Segment Open
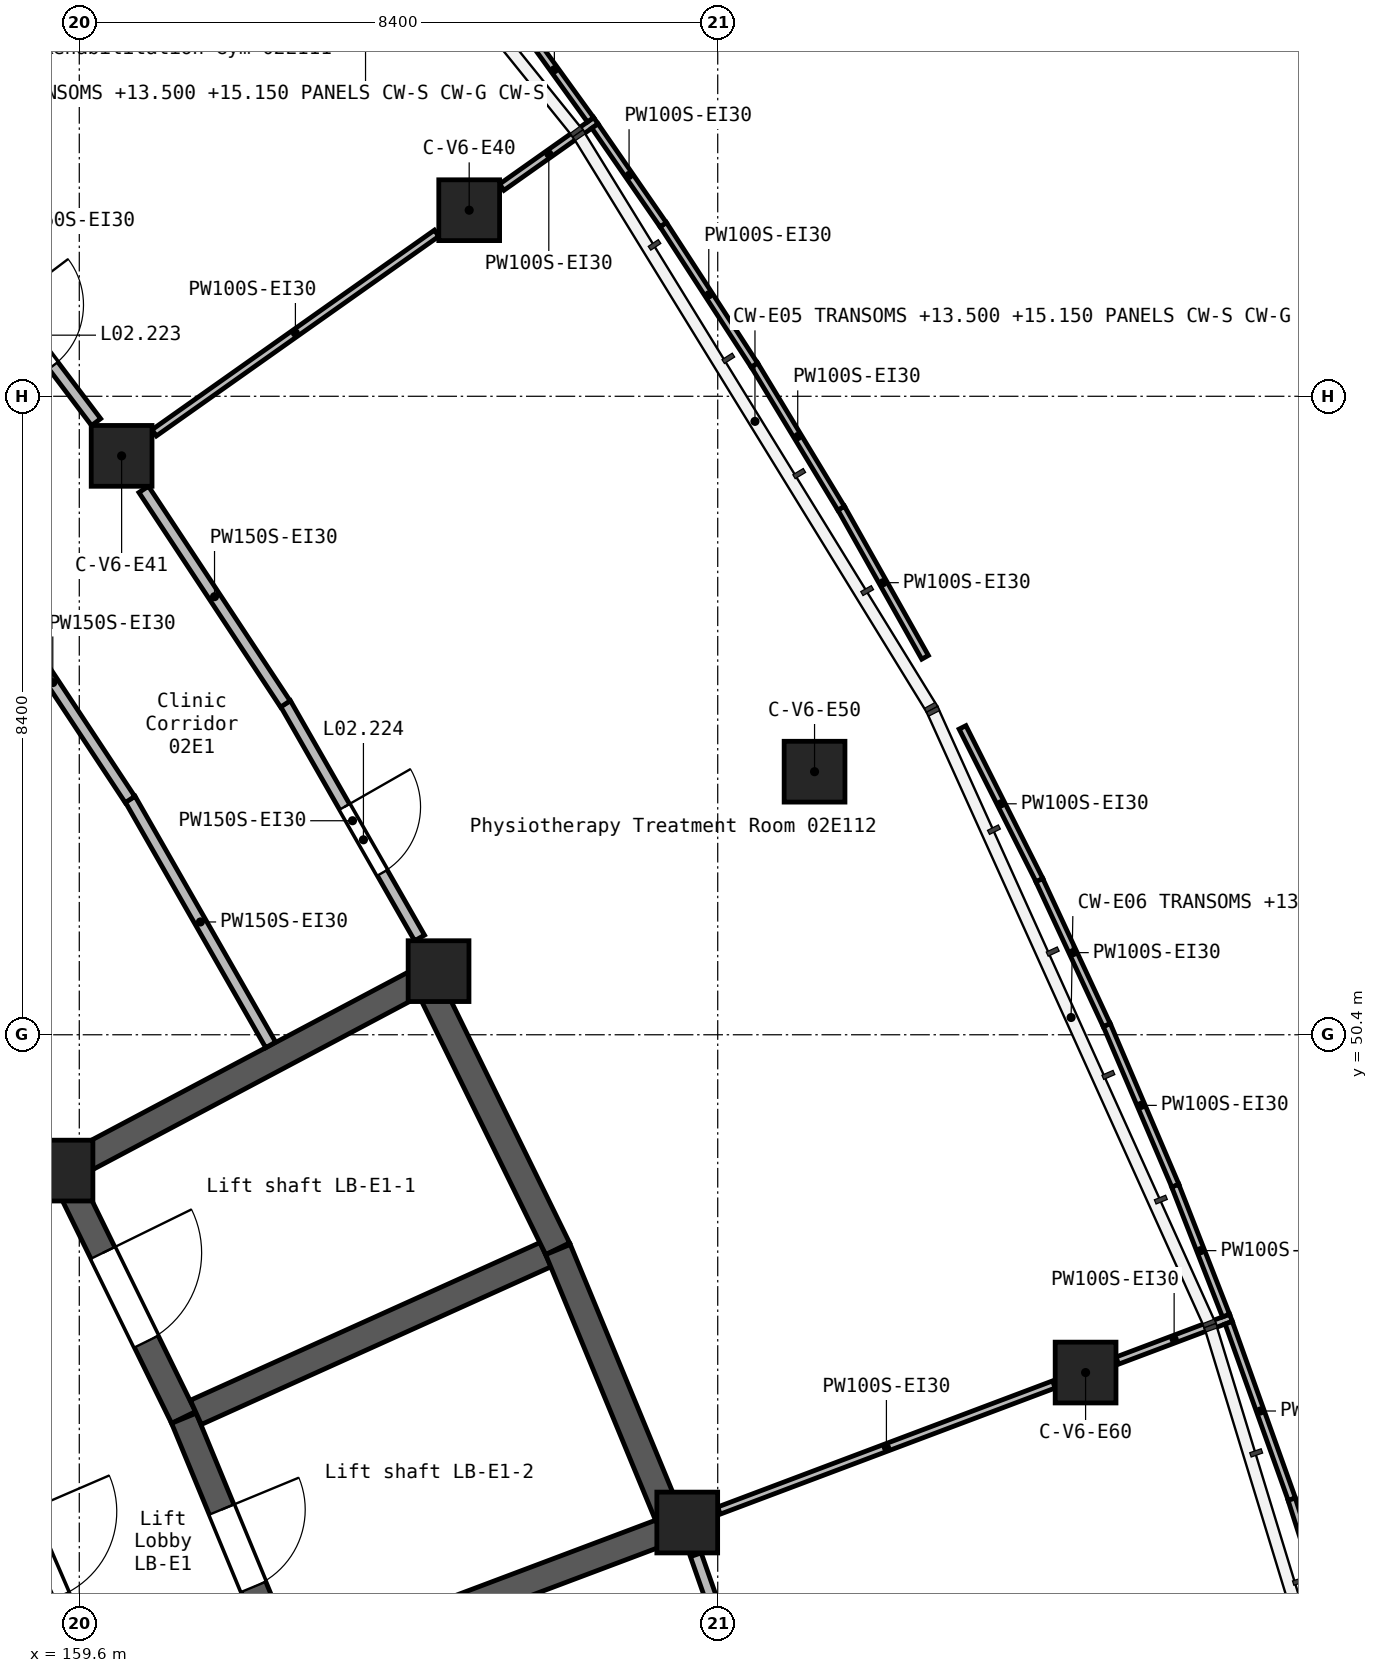
"""IFC4 building model, lengths in metres.
Left out: names, types, materials, properties, quantities, classifications, styles, units other than length and angle.
Written with IfcOpenShell. Run it as: python <this file> out.ifc"""

import sys

from ifc_helpers import new_model, si_unit, direction, frame, frame_2d, origin, origin_2d, place, context, subcontext, project, spatial, rectangle, extrude, element, fill, save


model = new_model("IFC4")
c1 = context("Model", 3, precision=1e-05, world=origin(), true_north=direction((0.0, 1.0)))
c2 = subcontext(c1, "Body", "Model", "MODEL_VIEW")
j1 = project(units=[si_unit("LENGTHUNIT", "METRE"), si_unit("PLANEANGLEUNIT", "RADIAN")], contexts=[c1])
p1 = place(None, origin())
s1 = spatial("IfcSite", under=j1, at=p1, CompositionType="ELEMENT")
p2 = place(p1, origin())
s2 = spatial("IfcBuilding", under=s1, at=p2, CompositionType="ELEMENT")
p3 = place(p2, frame((0.0, 0.0, 12.6)))
s3 = spatial("IfcBuildingStorey", under=s2, at=p3, CompositionType="ELEMENT", Elevation=12.6)
for number, where, z_axis, x_axis in (
    (1, (159.379, 48.613, 0.0), (0.0, 0.0, 1.0), (1.0, 0.0, 0.0)),
    (2, (160.157, 58.016, 0.0), (0.0, 0.0, 1.0), (1.0, 0.0, 0.0)),
    (3, (164.327, 51.237, 0.0), (0.0, 0.0, 1.0), (1.0, 0.0, 0.0)),
    (4, (164.73, 61.248, 0.0), (0.0, 0.0, 1.0), (1.0, 0.0, 0.0)),
    (5, (167.599, 43.983, 0.0), (0.0, 0.0, 1.0), (1.0, 0.0, 0.0)),
    (6, (169.274, 53.861, 0.0), (0.0, 0.0, 1.0), (1.0, 0.0, 0.0)),
    (7, (172.84, 45.956, 0.0), (0.0, 0.0, 1.0), (1.0, 0.0, 0.0)),
):
    element("IfcColumn", number, at=place(p3, frame(where, z_axis=z_axis, x_axis=x_axis)), inside=s3, PredefinedType="COLUMN", context=c2, shape_type="SweptSolid", body=[
        extrude(rectangle(XDim=0.8, YDim=0.8, at=origin_2d()), origin(), (0.0, 0.0, 1.0), 4.2),
    ])
p4 = place(p3, frame((159.224, 48.531, 0.0), z_axis=(0.0, 0.0, 1.0), x_axis=(0.883393138637, 0.468632652094, 0.0)))
e8 = element("IfcWall", 8, at=p4, inside=s3, PredefinedType="SHEAR", context=c2, shape_type="SweptSolid", body=[
    extrude(rectangle(XDim=5.751, YDim=0.35, at=frame_2d((2.875, 0.0))), origin(), (0.0, 0.0, 1.0), 4.2),
])
p5 = place(p3, frame((159.456, 48.456, 0.0), z_axis=(0.0, 0.0, 1.0), x_axis=(0.440221126053, -0.89788939195, 0.0)))
e9 = element("IfcWall", 9, at=p5, inside=s3, PredefinedType="SHEAR", context=c2, shape_type="SweptSolid", body=[
    extrude(rectangle(XDim=3.442, YDim=0.35, at=frame_2d((1.721, 0.0))), origin(), (0.0, 0.0, 1.0), 4.2),
])
p6 = place(p5, frame((1.031, 0.0, 0.0)))
e10 = element("IfcOpeningElement", 10, at=p6, cuts=e9, PredefinedType="OPENING", context=c2, shape_type="SweptSolid", body=[
    extrude(rectangle(XDim=1.3, YDim=2.1, at=frame_2d((0.65, 1.05))), frame((0.0, 0.185, 0.0), z_axis=(0.0, -1.0, 0.0), x_axis=(1.0, 0.0, 0.0)), (0.0, 0.0, 1.0), 0.37),
])
p7 = place(p3, frame((160.976, 45.355, 0.0), z_axis=(0.0, 0.0, 1.0), x_axis=(0.381990591944, -0.924166212143, 0.0)))
e11 = element("IfcWall", 11, at=p7, inside=s3, PredefinedType="SHEAR", context=c2, shape_type="SweptSolid", body=[
    extrude(rectangle(XDim=3.443, YDim=0.35, at=frame_2d((1.721, 0.0))), origin(), (0.0, 0.0, 1.0), 4.2),
])
p8 = place(p7, frame((1.3, 0.0, 0.0)))
e12 = element("IfcOpeningElement", 12, at=p8, cuts=e11, PredefinedType="OPENING", context=c2, shape_type="SweptSolid", body=[
    extrude(rectangle(XDim=1.1, YDim=2.1, at=frame_2d((0.55, 1.05))), frame((0.0, 0.185, 0.0), z_axis=(0.0, -1.0, 0.0), x_axis=(1.0, 0.0, 0.0)), (0.0, 0.0, 1.0), 0.37),
])
p9 = place(p3, frame((161.134, 45.432, 0.0), z_axis=(0.0, 0.0, 1.0), x_axis=(0.911564728385, 0.411156595427, 0.0)))
e13 = element("IfcWall", 13, at=p9, inside=s3, PredefinedType="SHEAR", context=c2, shape_type="SweptSolid", body=[
    extrude(rectangle(XDim=5.05, YDim=0.35, at=frame_2d((2.525, 0.0))), origin(), (0.0, 0.0, 1.0), 4.2),
])
p10 = place(p3, frame((162.194, 41.949, 0.0), z_axis=(0.0, 0.0, 1.0), x_axis=(0.935920223106, 0.352212061095, 0.0)))
e14 = element("IfcWall", 14, at=p10, inside=s3, PredefinedType="SHEAR", context=c2, shape_type="SweptSolid", body=[
    extrude(rectangle(XDim=5.75, YDim=0.35, at=frame_2d((2.875, 0.0))), origin(), (0.0, 0.0, 1.0), 4.2),
])
p11 = place(p3, frame((165.894, 47.585, 0.0), z_axis=(0.0, 0.0, 1.0), x_axis=(-0.43992897418, 0.898032570499, 0.0)))
e15 = element("IfcWall", 15, at=p11, inside=s3, PredefinedType="SHEAR", context=c2, shape_type="SweptSolid", body=[
    extrude(rectangle(XDim=3.788, YDim=0.35, at=frame_2d((1.894, 0.0))), origin(), (0.0, 0.0, 1.0), 4.2),
])
p12 = place(p3, frame((167.345, 44.075, 0.0), z_axis=(0.0, 0.0, 1.0), x_axis=(-0.382046231428, 0.924143212415, 0.0)))
e16 = element("IfcWall", 16, at=p12, inside=s3, PredefinedType="SHEAR", context=c2, shape_type="SweptSolid", body=[
    extrude(rectangle(XDim=3.788, YDim=0.35, at=frame_2d((1.894, 0.0))), origin(), (0.0, 0.0, 1.0), 4.2),
])
p13 = place(p3, frame((158.747, 44.465, 0.0), z_axis=(0.0, 0.0, 1.0), x_axis=(0.396322487651, -0.918111368943, 0.0)))
e17 = element("IfcWall", 17, at=p13, inside=s3, PredefinedType="SOLIDWALL", context=c2, shape_type="SweptSolid", body=[
    extrude(rectangle(XDim=1.936, YDim=0.2, at=frame_2d((0.968, 0.0))), origin(), (0.0, 0.0, 1.0), 3.85),
])
p14 = place(p13, frame((0.368, 0.0, 0.0)))
e18 = element("IfcOpeningElement", 18, at=p14, cuts=e17, PredefinedType="OPENING", context=c2, shape_type="SweptSolid", body=[
    extrude(rectangle(XDim=1.2, YDim=2.1, at=frame_2d((0.6, 1.05))), frame((0.0, 0.11, 0.0), z_axis=(0.0, -1.0, 0.0), x_axis=(1.0, 0.0, 0.0)), (0.0, 0.0, 1.0), 0.22),
])
p15 = place(p3, frame((162.313, 54.758, 0.0), z_axis=(0.0, 0.0, 1.0), x_axis=(0.496582798362, -0.867989357291, 0.0)))
e19 = element("IfcWall", 19, at=p15, inside=s3, PredefinedType="PARTITIONING", context=c2, shape_type="SweptSolid", body=[
    extrude(rectangle(XDim=3.553, YDim=0.15, at=frame_2d((1.777, 0.0))), origin(), (0.0, 0.0, 1.0), 3.85),
])
p16 = place(p15, frame((1.566, 0.0, 0.0)))
e20 = element("IfcOpeningElement", 20, at=p16, cuts=e19, PredefinedType="OPENING", context=c2, shape_type="SweptSolid", body=[
    extrude(rectangle(XDim=1.0, YDim=2.1, at=frame_2d((0.5, 1.05))), frame((0.0, 0.085, 0.0), z_axis=(0.0, -1.0, 0.0), x_axis=(1.0, 0.0, 0.0)), (0.0, 0.0, 1.0), 0.17),
])
p17 = place(p3, frame((160.448, 57.575, 0.0), z_axis=(0.0, 0.0, 1.0), x_axis=(0.550814058929, -0.834627984485, 0.0)))
e21 = element("IfcWall", 21, at=p17, inside=s3, PredefinedType="PARTITIONING", context=c2, shape_type="SweptSolid", body=[
    extrude(rectangle(XDim=3.383, YDim=0.15, at=frame_2d((1.692, 0.0))), origin(), (0.0, 0.0, 1.0), 3.85),
])
p18 = place(p3, frame((157.712, 61.252, 0.0), z_axis=(0.0, 0.0, 1.0), x_axis=(0.602876520925, -0.797834506974, 0.0)))
e22 = element("IfcWall", 22, at=p18, inside=s3, PredefinedType="PARTITIONING", context=c2, shape_type="SweptSolid", body=[
    extrude(rectangle(XDim=3.499, YDim=0.15, at=frame_2d((1.75, 0.0))), origin(), (0.0, 0.0, 1.0), 3.85),
])
p19 = place(p18, frame((1.565, 0.0, 0.0)))
e23 = element("IfcOpeningElement", 23, at=p19, cuts=e22, PredefinedType="OPENING", context=c2, shape_type="SweptSolid", body=[
    extrude(rectangle(XDim=1.0, YDim=2.1, at=frame_2d((0.5, 1.05))), frame((0.0, 0.085, 0.0), z_axis=(0.0, -1.0, 0.0), x_axis=(1.0, 0.0, 0.0)), (0.0, 0.0, 1.0), 0.17),
])
p20 = place(p3, frame((167.711, 43.559, 0.0), z_axis=(0.0, 0.0, 1.0), x_axis=(0.330491338893, -0.9438090246, 0.0)))
e24 = element("IfcWall", 24, at=p20, inside=s3, PredefinedType="PARTITIONING", context=c2, shape_type="SweptSolid", body=[
    extrude(rectangle(XDim=3.473, YDim=0.15, at=frame_2d((1.736, 0.0))), origin(), (0.0, 0.0, 1.0), 3.85),
])
p21 = place(p3, frame((160.269, 53.501, 0.0), z_axis=(0.0, 0.0, 1.0), x_axis=(0.496371795626, -0.8681100394, 0.0)))
e25 = element("IfcWall", 25, at=p21, inside=s3, PredefinedType="PARTITIONING", context=c2, shape_type="SweptSolid", body=[
    extrude(rectangle(XDim=3.726, YDim=0.15, at=frame_2d((1.863, 0.0))), origin(), (0.0, 0.0, 1.0), 3.85),
])
p22 = place(p3, frame((158.236, 56.571, 0.0), z_axis=(0.0, 0.0, 1.0), x_axis=(0.550996276136, -0.834507701393, 0.0)))
e26 = element("IfcWall", 26, at=p22, inside=s3, PredefinedType="PARTITIONING", context=c2, shape_type="SweptSolid", body=[
    extrude(rectangle(XDim=3.687, YDim=0.15, at=frame_2d((1.843, 0.0))), origin(), (0.0, 0.0, 1.0), 3.85),
])
p23 = place(p3, frame((168.016, 44.14, 0.0), z_axis=(0.0, 0.0, 1.0), x_axis=(0.935850976525, 0.352396012659, 0.0)))
e27 = element("IfcWall", 27, at=p23, inside=s3, PredefinedType="PARTITIONING", context=c2, shape_type="SweptSolid", body=[
    extrude(rectangle(XDim=4.708, YDim=0.1, at=frame_2d((2.354, 0.0))), origin(), (0.0, 0.0, 1.0), 3.85),
])
p24 = place(p3, frame((173.257, 46.114, 0.0), z_axis=(0.0, 0.0, 1.0), x_axis=(0.93586999438, 0.35234550319, 0.0)))
e28 = element("IfcWall", 28, at=p24, inside=s3, PredefinedType="PARTITIONING", context=c2, shape_type="SweptSolid", body=[
    extrude(rectangle(XDim=1.598, YDim=0.1, at=frame_2d((0.799, 0.0))), origin(), (0.0, 0.0, 1.0), 3.85),
])
p25 = place(p3, frame((160.585, 58.319, 0.0), z_axis=(0.0, 0.0, 1.0), x_axis=(0.816630246187, 0.577161191534, 0.0)))
e29 = element("IfcWall", 29, at=p25, inside=s3, PredefinedType="PARTITIONING", context=c2, shape_type="SweptSolid", body=[
    extrude(rectangle(XDim=4.551, YDim=0.1, at=frame_2d((2.275, 0.0))), origin(), (0.0, 0.0, 1.0), 3.85),
])
p26 = place(p3, frame((165.158, 61.551, 0.0), z_axis=(0.0, 0.0, 1.0), x_axis=(0.816659911288, 0.577119215842, 0.0)))
e30 = element("IfcWall", 30, at=p26, inside=s3, PredefinedType="PARTITIONING", context=c2, shape_type="SweptSolid", body=[
    extrude(rectangle(XDim=1.517, YDim=0.1, at=frame_2d((0.758, 0.0))), origin(), (0.0, 0.0, 1.0), 3.85),
])
p27 = place(p3, frame((174.723, 46.611, 0.0), z_axis=(0.0, 0.0, 1.0), x_axis=(0.336762779461, -0.94158952329, 0.0)))
e31 = element("IfcWall", 31, at=p27, inside=s3, PredefinedType="PARTITIONING", context=c2, shape_type="SweptSolid", body=[
    extrude(rectangle(XDim=2.466, YDim=0.1, at=frame_2d((1.233, 0.0))), origin(), (0.0, 0.0, 1.0), 3.85),
])
p28 = place(p3, frame((169.624, 57.33, 0.0), z_axis=(0.0, 0.0, 1.0), x_axis=(0.490245804698, -0.871584219095, 0.0)))
e32 = element("IfcWall", 32, at=p28, inside=s3, PredefinedType="PARTITIONING", context=c2, shape_type="SweptSolid", body=[
    extrude(rectangle(XDim=2.253, YDim=0.1, at=frame_2d((1.126, 0.0))), origin(), (0.0, 0.0, 1.0), 3.85),
])
p29 = place(p3, frame((168.482, 59.213, 0.0), z_axis=(0.0, 0.0, 1.0), x_axis=(0.517604223091, -0.855620165867, 0.0)))
e33 = element("IfcWall", 33, at=p29, inside=s3, PredefinedType="PARTITIONING", context=c2, shape_type="SweptSolid", body=[
    extrude(rectangle(XDim=2.204, YDim=0.1, at=frame_2d((1.102, 0.0))), origin(), (0.0, 0.0, 1.0), 3.85),
])
p30 = place(p3, frame((167.283, 61.059, 0.0), z_axis=(0.0, 0.0, 1.0), x_axis=(0.544248024884, -0.838924363342, 0.0)))
e34 = element("IfcWall", 34, at=p30, inside=s3, PredefinedType="PARTITIONING", context=c2, shape_type="SweptSolid", body=[
    extrude(rectangle(XDim=2.203, YDim=0.1, at=frame_2d((1.102, 0.0))), origin(), (0.0, 0.0, 1.0), 3.85),
])
p31 = place(p3, frame((171.221, 54.444, 0.0), z_axis=(0.0, 0.0, 1.0), x_axis=(0.449727785834, -0.893165672565, 0.0)))
e35 = element("IfcWall", 35, at=p31, inside=s3, PredefinedType="PARTITIONING", context=c2, shape_type="SweptSolid", body=[
    extrude(rectangle(XDim=2.251, YDim=0.1, at=frame_2d((1.125, 0.0))), origin(), (0.0, 0.0, 1.0), 3.85),
])
p32 = place(p3, frame((173.118, 50.529, 0.0), z_axis=(0.0, 0.0, 1.0), x_axis=(0.392535641105, -0.919736794122, 0.0)))
e36 = element("IfcWall", 36, at=p32, inside=s3, PredefinedType="PARTITIONING", context=c2, shape_type="SweptSolid", body=[
    extrude(rectangle(XDim=2.301, YDim=0.1, at=frame_2d((1.15, 0.0))), origin(), (0.0, 0.0, 1.0), 3.85),
])
p33 = place(p3, frame((175.552, 44.29, 0.0), z_axis=(0.0, 0.0, 1.0), x_axis=(0.304461914253, -0.952524510325, 0.0)))
e37 = element("IfcWall", 37, at=p33, inside=s3, PredefinedType="PARTITIONING", context=c2, shape_type="SweptSolid", body=[
    extrude(rectangle(XDim=2.202, YDim=0.1, at=frame_2d((1.101, 0.0))), origin(), (0.0, 0.0, 1.0), 3.85),
])
p34 = place(p3, frame((172.231, 52.434, 0.0), z_axis=(0.0, 0.0, 1.0), x_axis=(0.42144215668, -0.906855285353, 0.0)))
e38 = element("IfcWall", 38, at=p34, inside=s3, PredefinedType="PARTITIONING", context=c2, shape_type="SweptSolid", body=[
    extrude(rectangle(XDim=2.103, YDim=0.1, at=frame_2d((1.051, 0.0))), origin(), (0.0, 0.0, 1.0), 3.85),
])
p35 = place(p3, frame((174.02, 48.414, 0.0), z_axis=(0.0, 0.0, 1.0), x_axis=(0.364148326517, -0.931340966722, 0.0)))
e39 = element("IfcWall", 39, at=p35, inside=s3, PredefinedType="PARTITIONING", context=c2, shape_type="SweptSolid", body=[
    extrude(rectangle(XDim=1.834, YDim=0.1, at=frame_2d((0.917, 0.0))), origin(), (0.0, 0.0, 1.0), 3.85),
])
p36 = place(p3, frame((166.385, 62.355, 0.0), z_axis=(0.0, 0.0, 1.0), x_axis=(0.568646920536, -0.822581716163, 0.0)))
e40 = element("IfcWall", 40, at=p36, inside=s3, PredefinedType="PARTITIONING", context=c2, shape_type="SweptSolid", body=[
    extrude(rectangle(XDim=1.579, YDim=0.1, at=frame_2d((0.789, 0.0))), origin(), (0.0, 0.0, 1.0), 3.85),
])
p37 = place(p3, frame((165.375, 63.755, 0.0), z_axis=(0.0, 0.0, 1.0), x_axis=(0.585622227381, -0.810584114573, 0.0)))
e41 = element("IfcWall", 41, at=p37, inside=s3, PredefinedType="PARTITIONING", context=c2, shape_type="SweptSolid", body=[
    extrude(rectangle(XDim=1.625, YDim=0.1, at=frame_2d((0.812, 0.0))), origin(), (0.0, 0.0, 1.0), 3.85),
])
p38 = place(p14, origin())
e42 = element("IfcDoor", 42, at=p38, inside=s3, OperationType="SINGLE_SWING_LEFT", PredefinedType="DOOR", context=c2, shape_type="SweptSolid", body=[
    extrude(rectangle(XDim=1.2, YDim=2.1, at=frame_2d((0.6, 1.05))), frame((0.0, 0.025, 0.0), z_axis=(0.0, -1.0, 0.0), x_axis=(1.0, 0.0, 0.0)), (0.0, 0.0, 1.0), 0.05),
])
fill(e18, e42)
p39 = place(p19, origin())
e43 = element("IfcDoor", 43, at=p39, inside=s3, OperationType="SINGLE_SWING_RIGHT", PredefinedType="DOOR", context=c2, shape_type="SweptSolid", body=[
    extrude(rectangle(XDim=1.0, YDim=2.1, at=frame_2d((0.5, 1.05))), frame((0.0, 0.025, 0.0), z_axis=(0.0, -1.0, 0.0), x_axis=(1.0, 0.0, 0.0)), (0.0, 0.0, 1.0), 0.05),
])
fill(e23, e43)
p40 = place(p16, origin())
e44 = element("IfcDoor", 44, at=p40, inside=s3, OperationType="SINGLE_SWING_RIGHT", PredefinedType="DOOR", context=c2, shape_type="SweptSolid", body=[
    extrude(rectangle(XDim=1.0, YDim=2.1, at=frame_2d((0.5, 1.05))), frame((0.0, 0.025, 0.0), z_axis=(0.0, -1.0, 0.0), x_axis=(1.0, 0.0, 0.0)), (0.0, 0.0, 1.0), 0.05),
])
fill(e20, e44)
p41 = place(p6, origin())
e45 = element("IfcDoor", 45, at=p41, inside=s3, OperationType="DOUBLE_DOOR_SLIDING", PredefinedType="DOOR", context=c2, shape_type="SweptSolid", body=[
    extrude(rectangle(XDim=1.3, YDim=2.1, at=frame_2d((0.65, 1.05))), frame((0.0, 0.025, 0.0), z_axis=(0.0, -1.0, 0.0), x_axis=(1.0, 0.0, 0.0)), (0.0, 0.0, 1.0), 0.05),
])
fill(e10, e45)
p42 = place(p8, origin())
e46 = element("IfcDoor", 46, at=p42, inside=s3, OperationType="DOUBLE_DOOR_SLIDING", PredefinedType="DOOR", context=c2, shape_type="SweptSolid", body=[
    extrude(rectangle(XDim=1.1, YDim=2.1, at=frame_2d((0.55, 1.05))), frame((0.0, 0.025, 0.0), z_axis=(0.0, -1.0, 0.0), x_axis=(1.0, 0.0, 0.0)), (0.0, 0.0, 1.0), 0.05),
])
fill(e12, e46)
save(model, sys.argv[1])
Segment Closed
The word "under" appears in some of the lines above. Copy those lines.

# SOLVED EXERCISE:
s1 = spatial("IfcSite", under=j1, at=p1, CompositionType="ELEMENT")
s2 = spatial("IfcBuilding", under=s1, at=p2, CompositionType="ELEMENT")
s3 = spatial("IfcBuildingStorey", under=s2, at=p3, CompositionType="ELEMENT", Elevation=12.6)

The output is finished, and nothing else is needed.